YOUR GOAL: Reproduce, character for character, the lines below from the first through the one with "p3 = place(p2, frame((0.0, 0.0, 28.8)))". Leave pictures out.

####################

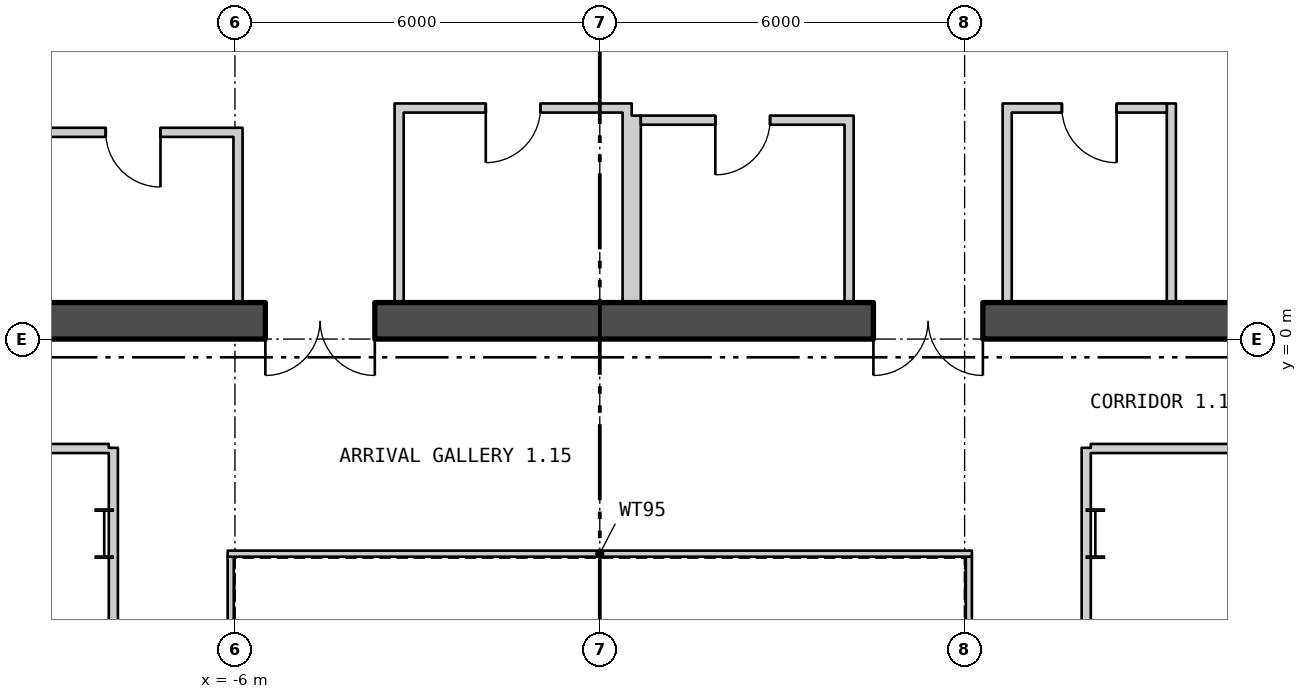
"""IFC4 building model, lengths in metres.
Left out: names, types, materials, properties, quantities, classifications, styles, units other than length and angle.
Written with IfcOpenShell. Run it as: python <this file> out.ifc"""

import sys

from ifc_helpers import new_model, si_unit, direction, frame, frame_2d, origin, origin_2d, place, context, subcontext, project, spatial, polyline, rectangle, i_section, outline, extrude, element, fill, save


model = new_model("IFC4")
c1 = context("Model", 3, precision=1e-05, world=origin(), true_north=direction((0.0, 1.0)))
c2 = subcontext(c1, "Body", "Model", "MODEL_VIEW")
j1 = project(units=[si_unit("LENGTHUNIT", "METRE"), si_unit("PLANEANGLEUNIT", "RADIAN")], contexts=[c1])
p1 = place(None, origin())
s1 = spatial("IfcSite", under=j1, at=p1, CompositionType="ELEMENT")
p2 = place(p1, origin())
s2 = spatial("IfcBuilding", under=s1, at=p2, CompositionType="ELEMENT")
p3 = place(p2, frame((0.0, 0.0, 28.8)))
s3 = spatial("IfcBuildingStorey", under=s2, at=p3, CompositionType="ELEMENT", Elevation=28.8)
for number, where, z_axis, x_axis in (
    (1, (8.15, -3.2, 0.0), (0.0, 0.0, 1.0), (1.0, 0.0, 0.0)),
    (2, (-8.15, -3.2, 0.0), (0.0, 0.0, 1.0), (1.0, 0.0, 0.0)),
):
    element("IfcColumn", number, at=place(p3, frame(where, z_axis=z_axis, x_axis=x_axis)), inside=s3, PredefinedType="COLUMN", context=c2, shape_type="SweptSolid", body=[
        extrude(i_section(OverallWidth=0.303, OverallDepth=0.814, WebThickness=0.021, FlangeThickness=0.04, at=origin_2d()), origin(), (0.0, 0.0, 1.0), 4.5),
    ])
p4 = place(p3, frame((-28.74, 9.808, -0.23), z_axis=(0.0, 0.0, 1.0), x_axis=(0.499999764979, -0.866025539474, 0.0)))
e3 = element("IfcWall", 3, at=p4, inside=s3, PredefinedType="SOLIDWALL", context=c2, shape_type="SweptSolid", body=[
    extrude(outline(polyline([(-0.13, -0.225), (45.87, -0.225), (45.61, 0.225), (0.13, 0.225), (-0.13, -0.225)])), origin(), (0.0, 0.0, 1.0), 4.55),
])
p5 = place(p4, frame((1.724, 0.0, 0.23)))
e4 = element("IfcOpeningElement", 4, at=p5, cuts=e3, PredefinedType="OPENING", context=c2, shape_type="SweptSolid", body=[
    extrude(rectangle(XDim=1.8, YDim=2.4, at=frame_2d((0.9, 1.2))), frame((0.0, 0.235, 0.0), z_axis=(0.0, -1.0, 0.0), x_axis=(1.0, 0.0, 0.0)), (0.0, 0.0, 1.0), 0.47),
])
p6 = place(p4, frame((5.893, 0.0, 1.13)))
e5 = element("IfcOpeningElement", 5, at=p6, cuts=e3, PredefinedType="OPENING", context=c2, shape_type="SweptSolid", body=[
    extrude(rectangle(XDim=2.4, YDim=2.6, at=frame_2d((1.2, 1.3))), frame((0.0, 0.235, 0.0), z_axis=(0.0, -1.0, 0.0), x_axis=(1.0, 0.0, 0.0)), (0.0, 0.0, 1.0), 0.47),
])
p7 = place(p4, frame((10.401, 0.0, 1.13)))
e6 = element("IfcOpeningElement", 6, at=p7, cuts=e3, PredefinedType="OPENING", context=c2, shape_type="SweptSolid", body=[
    extrude(rectangle(XDim=2.4, YDim=2.6, at=frame_2d((1.2, 1.3))), frame((0.0, 0.235, 0.0), z_axis=(0.0, -1.0, 0.0), x_axis=(1.0, 0.0, 0.0)), (0.0, 0.0, 1.0), 0.47),
])
p8 = place(p4, frame((14.909, 0.0, 1.13)))
e7 = element("IfcOpeningElement", 7, at=p8, cuts=e3, PredefinedType="OPENING", context=c2, shape_type="SweptSolid", body=[
    extrude(rectangle(XDim=2.4, YDim=2.6, at=frame_2d((1.2, 1.3))), frame((0.0, 0.235, 0.0), z_axis=(0.0, -1.0, 0.0), x_axis=(1.0, 0.0, 0.0)), (0.0, 0.0, 1.0), 0.47),
])
p9 = place(p4, frame((19.416, 0.0, 1.13)))
e8 = element("IfcOpeningElement", 8, at=p9, cuts=e3, PredefinedType="OPENING", context=c2, shape_type="SweptSolid", body=[
    extrude(rectangle(XDim=2.4, YDim=2.6, at=frame_2d((1.2, 1.3))), frame((0.0, 0.235, 0.0), z_axis=(0.0, -1.0, 0.0), x_axis=(1.0, 0.0, 0.0)), (0.0, 0.0, 1.0), 0.47),
])
p10 = place(p4, frame((23.924, 0.0, 1.13)))
e9 = element("IfcOpeningElement", 9, at=p10, cuts=e3, PredefinedType="OPENING", context=c2, shape_type="SweptSolid", body=[
    extrude(rectangle(XDim=2.4, YDim=2.6, at=frame_2d((1.2, 1.3))), frame((0.0, 0.235, 0.0), z_axis=(0.0, -1.0, 0.0), x_axis=(1.0, 0.0, 0.0)), (0.0, 0.0, 1.0), 0.47),
])
p11 = place(p4, frame((28.431, 0.0, 1.13)))
e10 = element("IfcOpeningElement", 10, at=p11, cuts=e3, PredefinedType="OPENING", context=c2, shape_type="SweptSolid", body=[
    extrude(rectangle(XDim=2.4, YDim=2.6, at=frame_2d((1.2, 1.3))), frame((0.0, 0.235, 0.0), z_axis=(0.0, -1.0, 0.0), x_axis=(1.0, 0.0, 0.0)), (0.0, 0.0, 1.0), 0.47),
])
p12 = place(p4, frame((33.239, 0.0, 0.23)))
e11 = element("IfcOpeningElement", 11, at=p12, cuts=e3, PredefinedType="OPENING", context=c2, shape_type="SweptSolid", body=[
    extrude(rectangle(XDim=1.8, YDim=2.4, at=frame_2d((0.9, 1.2))), frame((0.0, 0.235, 0.0), z_axis=(0.0, -1.0, 0.0), x_axis=(1.0, 0.0, 0.0)), (0.0, 0.0, 1.0), 0.47),
])
p13 = place(p4, frame((37.447, 0.0, 1.13)))
e12 = element("IfcOpeningElement", 12, at=p13, cuts=e3, PredefinedType="OPENING", context=c2, shape_type="SweptSolid", body=[
    extrude(rectangle(XDim=2.4, YDim=2.6, at=frame_2d((1.2, 1.3))), frame((0.0, 0.235, 0.0), z_axis=(0.0, -1.0, 0.0), x_axis=(1.0, 0.0, 0.0)), (0.0, 0.0, 1.0), 0.47),
])
p14 = place(p4, frame((41.916, 0.0, 1.13)))
e13 = element("IfcOpeningElement", 13, at=p14, cuts=e3, PredefinedType="OPENING", context=c2, shape_type="SweptSolid", body=[
    extrude(rectangle(XDim=2.4, YDim=2.6, at=frame_2d((1.2, 1.3))), frame((0.0, 0.235, 0.0), z_axis=(0.0, -1.0, 0.0), x_axis=(1.0, 0.0, 0.0)), (0.0, 0.0, 1.0), 0.47),
])
p15 = place(p3, frame((5.87, -29.805, -0.23), z_axis=(0.0, 0.0, 1.0), x_axis=(0.499999764979, 0.866025539474, 0.0)))
e14 = element("IfcWall", 14, at=p15, inside=s3, PredefinedType="SOLIDWALL", context=c2, shape_type="SweptSolid", body=[
    extrude(outline(polyline([(-0.13, -0.225), (45.87, -0.225), (45.61, 0.225), (0.13, 0.225), (-0.13, -0.225)])), origin(), (0.0, 0.0, 1.0), 4.55),
])
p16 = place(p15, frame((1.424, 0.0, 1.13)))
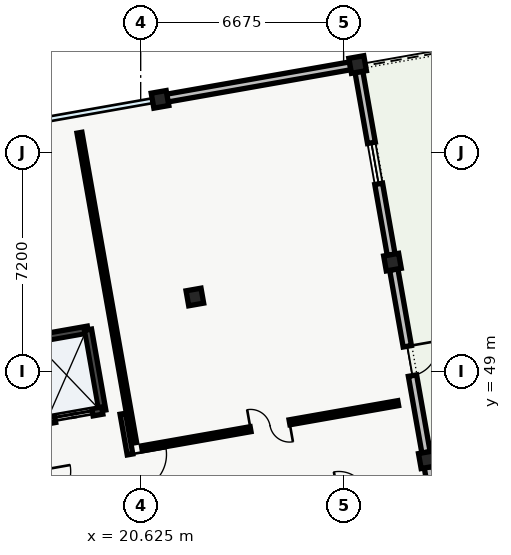
"""IFC4 building model, lengths in metres.
Left out: names, types, materials, properties, quantities, classifications, styles, units other than length and angle.
Written with IfcOpenShell. Run it as: python <this file> out.ifc"""

import sys

from ifc_helpers import new_model, si_unit, direction, frame, frame_2d, origin, origin_2d, place, context, subcontext, project, spatial, rectangle, extrude, element, fill, save


model = new_model("IFC4")
c1 = context("Model", 3, precision=1e-05, world=origin(), true_north=direction((0.0, 1.0)))
c2 = subcontext(c1, "Body", "Model", "MODEL_VIEW")
j1 = project(units=[si_unit("LENGTHUNIT", "METRE"), si_unit("PLANEANGLEUNIT", "RADIAN")], contexts=[c1])
p1 = place(None, origin())
s1 = spatial("IfcSite", under=j1, at=p1, CompositionType="ELEMENT")
p2 = place(p1, origin())
s2 = spatial("IfcBuilding", under=s1, at=p2, CompositionType="ELEMENT")
p3 = place(p2, frame((0.0, 0.0, 45.0)))
s3 = spatial("IfcBuildingStorey", under=s2, at=p3, CompositionType="ELEMENT", Elevation=45.0)
for number, where, z_axis, x_axis in (
    (1, (22.407, 51.448, 0.0), (0.0, 0.0, 1.0), (0.985, 0.174, 0.0)),
    (2, (21.261, 57.948, 0.0), (0.0, 0.0, 1.0), (0.985, 0.174, 0.0)),
    (3, (30.053, 46.094, 0.0), (0.0, 0.0, 1.0), (0.985, 0.174, 0.0)),
    (4, (28.907, 52.594, 0.0), (0.0, 0.0, 1.0), (0.985, 0.174, 0.0)),
    (5, (27.761, 59.094, 0.0), (0.0, 0.0, 1.0), (0.985, 0.174, 0.0)),
):
    element("IfcColumn", number, at=place(p3, frame(where, z_axis=z_axis, x_axis=x_axis)), inside=s3, PredefinedType="COLUMN", context=c2, shape_type="SweptSolid", body=[
        extrude(rectangle(XDim=0.5, YDim=0.5, at=origin_2d()), origin(), (0.0, 0.0, 1.0), 4.02),
    ])
p4 = place(p3, frame((21.502, 57.99, 0.0), z_axis=(0.0, 0.0, 1.0), x_axis=(0.984807282173, 0.173650847905, 0.0)))
e6 = element("IfcWall", 6, at=p4, inside=s3, PredefinedType="STANDARD", context=c2, shape_type="SweptSolid", body=[
    extrude(rectangle(XDim=6.11, YDim=0.26, at=frame_2d((3.055, 0.0))), origin(), (0.0, 0.0, 1.0), 3.555),
])
p5 = place(p3, frame((27.803, 58.852, 0.0), z_axis=(0.0, 0.0, 1.0), x_axis=(0.173650847905, -0.984807282173, 0.0)))
e7 = element("IfcWall", 7, at=p5, inside=s3, PredefinedType="STANDARD", context=c2, shape_type="SweptSolid", body=[
    extrude(rectangle(XDim=6.11, YDim=0.26, at=frame_2d((3.055, 0.0))), origin(), (0.0, 0.0, 1.0), 3.555),
])
p6 = place(p5, frame((2.37, 0.0, 0.95)))
e8 = element("IfcOpeningElement", 8, at=p6, cuts=e7, PredefinedType="OPENING", context=c2, shape_type="SweptSolid", body=[
    extrude(rectangle(XDim=1.37, YDim=1.42, at=frame_2d((0.685, 0.71))), frame((0.0, 0.13, 0.0), z_axis=(0.0, -1.0, 0.0), x_axis=(1.0, 0.0, 0.0)), (0.0, 0.0, 1.0), 0.26),
])
p7 = place(p3, frame((28.949, 52.353, 0.0), z_axis=(0.0, 0.0, 1.0), x_axis=(0.173650847905, -0.984807282173, 0.0)))
e9 = element("IfcWall", 9, at=p7, inside=s3, PredefinedType="STANDARD", context=c2, shape_type="SweptSolid", body=[
    extrude(rectangle(XDim=6.11, YDim=0.275, at=frame_2d((3.055, 0.0))), origin(), (0.0, 0.0, 1.0), 3.555),
])
p8 = place(p7, frame((2.565, 0.0, 0.0)))
e10 = element("IfcOpeningElement", 10, at=p8, cuts=e9, PredefinedType="OPENING", context=c2, shape_type="SweptSolid", body=[
    extrude(rectangle(XDim=0.98, YDim=2.15, at=frame_2d((0.49, 1.075))), frame((0.0, 0.137, 0.0), z_axis=(0.0, -1.0, 0.0), x_axis=(1.0, 0.0, 0.0)), (0.0, 0.0, 1.0), 0.275),
])
p9 = place(p3, frame((30.095, 45.853, 0.0), z_axis=(0.0, 0.0, 1.0), x_axis=(0.173657681232, -0.98480607723, 0.0)))
e11 = element("IfcWall", 11, at=p9, inside=s3, PredefinedType="STANDARD", context=c2, shape_type="SweptSolid", body=[
    extrude(rectangle(XDim=6.11, YDim=0.29, at=frame_2d((3.055, 0.0))), origin(), (0.0, 0.0, 1.0), 3.555),
])
p10 = place(p9, frame((2.46, 0.0, 0.95)))
e12 = element("IfcOpeningElement", 12, at=p10, cuts=e11, PredefinedType="OPENING", context=c2, shape_type="SweptSolid", body=[
    extrude(rectangle(XDim=1.19, YDim=1.38, at=frame_2d((0.595, 0.69))), frame((0.0, 0.145, 0.0), z_axis=(0.0, -1.0, 0.0), x_axis=(1.0, 0.0, 0.0)), (0.0, 0.0, 1.0), 0.29),
])
p11 = place(p3, frame((17.02, 50.041, 0.0), z_axis=(0.0, 0.0, 1.0), x_axis=(0.984815882103, 0.173602068988, 0.0)))
e13 = element("IfcWall", 13, at=p11, inside=s3, PredefinedType="SHEAR", context=c2, shape_type="SweptSolid", body=[
    extrude(rectangle(XDim=1.9, YDim=0.24, at=frame_2d((0.95, 0.0))), origin(), (0.0, 0.0, 1.0), 3.98),
])
p12 = place(p3, frame((18.891, 50.371, 0.0), z_axis=(0.0, 0.0, 1.0), x_axis=(0.173615102578, -0.98481358447, 0.0)))
e14 = element("IfcWall", 14, at=p12, inside=s3, PredefinedType="SHEAR", context=c2, shape_type="SweptSolid", body=[
    extrude(rectangle(XDim=2.7, YDim=0.24, at=frame_2d((1.35, 0.0))), origin(), (0.0, 0.0, 1.0), 3.98),
])
p13 = place(p3, frame((19.359, 47.712, 0.0), z_axis=(0.0, 0.0, 1.0), x_axis=(-0.984815882103, -0.173602068988, 0.0)))
e15 = element("IfcWall", 15, at=p13, inside=s3, PredefinedType="SHEAR", context=c2, shape_type="SweptSolid", body=[
    extrude(rectangle(XDim=1.9, YDim=0.24, at=frame_2d((0.95, 0.0))), origin(), (0.0, 0.0, 1.0), 3.98),
])
p14 = place(p13, frame((0.325, 0.0, 0.0)))
e16 = element("IfcOpeningElement", 16, at=p14, cuts=e15, PredefinedType="OPENING", context=c2, shape_type="SweptSolid", body=[
    extrude(rectangle(XDim=1.25, YDim=2.2, at=frame_2d((0.625, 1.1))), frame((0.0, 0.12, 0.0), z_axis=(0.0, -1.0, 0.0), x_axis=(1.0, 0.0, 0.0)), (0.0, 0.0, 1.0), 0.24),
])
p15 = place(p3, frame((20.63, 44.25, 0.0), z_axis=(0.0, 0.0, 1.0), x_axis=(-0.173621956536, 0.984812376145, 0.0)))
e17 = element("IfcWall", 17, at=p15, inside=s3, PredefinedType="SOLIDWALL", context=c2, shape_type="SweptSolid", body=[
    extrude(rectangle(XDim=3.41, YDim=0.185, at=frame_2d((1.705, 0.0))), origin(), (0.0, 0.0, 1.0), 3.65),
])
p16 = place(p15, frame((0.85, 0.0, 0.0)))
e18 = element("IfcOpeningElement", 18, at=p16, cuts=e17, PredefinedType="OPENING", context=c2, shape_type="SweptSolid", body=[
    extrude(rectangle(XDim=1.2, YDim=2.15, at=frame_2d((0.6, 1.075))), frame((0.0, 0.093, 0.0), z_axis=(0.0, -1.0, 0.0), x_axis=(1.0, 0.0, 0.0)), (0.0, 0.0, 1.0), 0.185),
])
p17 = place(p3, frame((20.665, 46.469, 0.0), z_axis=(0.0, 0.0, 1.0), x_axis=(0.984804798714, 0.173664931489, 0.0)))
e19 = element("IfcWall", 19, at=p17, inside=s3, PredefinedType="PARTITIONING", context=c2, shape_type="SweptSolid", body=[
    extrude(rectangle(XDim=8.56, YDim=0.165, at=frame_2d((4.28, 0.0))), origin(), (0.0, 0.0, 1.0), 3.65),
])
p18 = place(p17, frame((3.63, 0.0, 0.0)))
e20 = element("IfcOpeningElement", 20, at=p18, cuts=e19, PredefinedType="OPENING", context=c2, shape_type="SweptSolid", body=[
    extrude(rectangle(XDim=1.3, YDim=2.18, at=frame_2d((0.65, 1.09))), frame((0.0, 0.083, 0.0), z_axis=(0.0, -1.0, 0.0), x_axis=(1.0, 0.0, 0.0)), (0.0, 0.0, 1.0), 0.165),
])
p19 = place(p3, frame((18.611, 56.851, 0.0), z_axis=(0.0, 0.0, 1.0), x_axis=(0.173654930775, -0.984806562233, 0.0)))
e21 = element("IfcWall", 21, at=p19, inside=s3, PredefinedType="PARTITIONING", context=c2, shape_type="SweptSolid", body=[
    extrude(rectangle(XDim=10.36, YDim=0.165, at=frame_2d((5.18, 0.0))), origin(), (0.0, 0.0, 1.0), 3.65),
])
p20 = place(p6, origin())
e22 = element("IfcWindow", 22, at=p20, inside=s3, PartitioningType="SINGLE_PANEL", PredefinedType="WINDOW", context=c2, shape_type="SweptSolid", body=[
    extrude(rectangle(XDim=1.37, YDim=1.42, at=frame_2d((0.685, 0.71))), frame((0.0, 0.03, 0.0), z_axis=(0.0, -1.0, 0.0), x_axis=(1.0, 0.0, 0.0)), (0.0, 0.0, 1.0), 0.06),
])
fill(e8, e22)
p21 = place(p8, origin())
e23 = element("IfcDoor", 23, at=p21, inside=s3, OperationType="SINGLE_SWING_LEFT", PredefinedType="DOOR", context=c2, shape_type="SweptSolid", body=[
    extrude(rectangle(XDim=0.98, YDim=2.15, at=frame_2d((0.49, 1.075))), frame((0.0, 0.025, 0.0), z_axis=(0.0, -1.0, 0.0), x_axis=(1.0, 0.0, 0.0)), (0.0, 0.0, 1.0), 0.05),
])
fill(e10, e23)
p22 = place(p14, origin())
e24 = element("IfcDoor", 24, at=p22, inside=s3, OperationType="SLIDING_TO_RIGHT", PredefinedType="DOOR", context=c2, shape_type="SweptSolid", body=[
    extrude(rectangle(XDim=1.25, YDim=2.2, at=frame_2d((0.625, 1.1))), frame((0.0, 0.025, 0.0), z_axis=(0.0, -1.0, 0.0), x_axis=(1.0, 0.0, 0.0)), (0.0, 0.0, 1.0), 0.05),
])
fill(e16, e24)
p23 = place(p16, origin())
e25 = element("IfcDoor", 25, at=p23, inside=s3, OperationType="SINGLE_SWING_RIGHT", PredefinedType="DOOR", context=c2, shape_type="SweptSolid", body=[
    extrude(rectangle(XDim=1.2, YDim=2.15, at=frame_2d((0.6, 1.075))), frame((0.0, 0.025, 0.0), z_axis=(0.0, -1.0, 0.0), x_axis=(1.0, 0.0, 0.0)), (0.0, 0.0, 1.0), 0.05),
])
fill(e18, e25)
p24 = place(p18, origin())
e26 = element("IfcDoor", 26, at=p24, inside=s3, OperationType="DOUBLE_DOOR_SINGLE_SWING", PredefinedType="DOOR", context=c2, shape_type="SweptSolid", body=[
    extrude(rectangle(XDim=1.3, YDim=2.18, at=frame_2d((0.65, 1.09))), frame((0.0, 0.025, 0.0), z_axis=(0.0, -1.0, 0.0), x_axis=(1.0, 0.0, 0.0)), (0.0, 0.0, 1.0), 0.05),
])
fill(e20, e26)
save(model, sys.argv[1])

####################

WRITTEN SOLUTION:
"""IFC4 building model, lengths in metres.
Left out: names, types, materials, properties, quantities, classifications, styles, units other than length and angle.
Written with IfcOpenShell. Run it as: python <this file> out.ifc"""

import sys

from ifc_helpers import new_model, si_unit, direction, frame, frame_2d, origin, origin_2d, place, context, subcontext, project, spatial, polyline, rectangle, i_section, outline, extrude, element, fill, save


model = new_model("IFC4")
c1 = context("Model", 3, precision=1e-05, world=origin(), true_north=direction((0.0, 1.0)))
c2 = subcontext(c1, "Body", "Model", "MODEL_VIEW")
j1 = project(units=[si_unit("LENGTHUNIT", "METRE"), si_unit("PLANEANGLEUNIT", "RADIAN")], contexts=[c1])
p1 = place(None, origin())
s1 = spatial("IfcSite", under=j1, at=p1, CompositionType="ELEMENT")
p2 = place(p1, origin())
s2 = spatial("IfcBuilding", under=s1, at=p2, CompositionType="ELEMENT")
p3 = place(p2, frame((0.0, 0.0, 28.8)))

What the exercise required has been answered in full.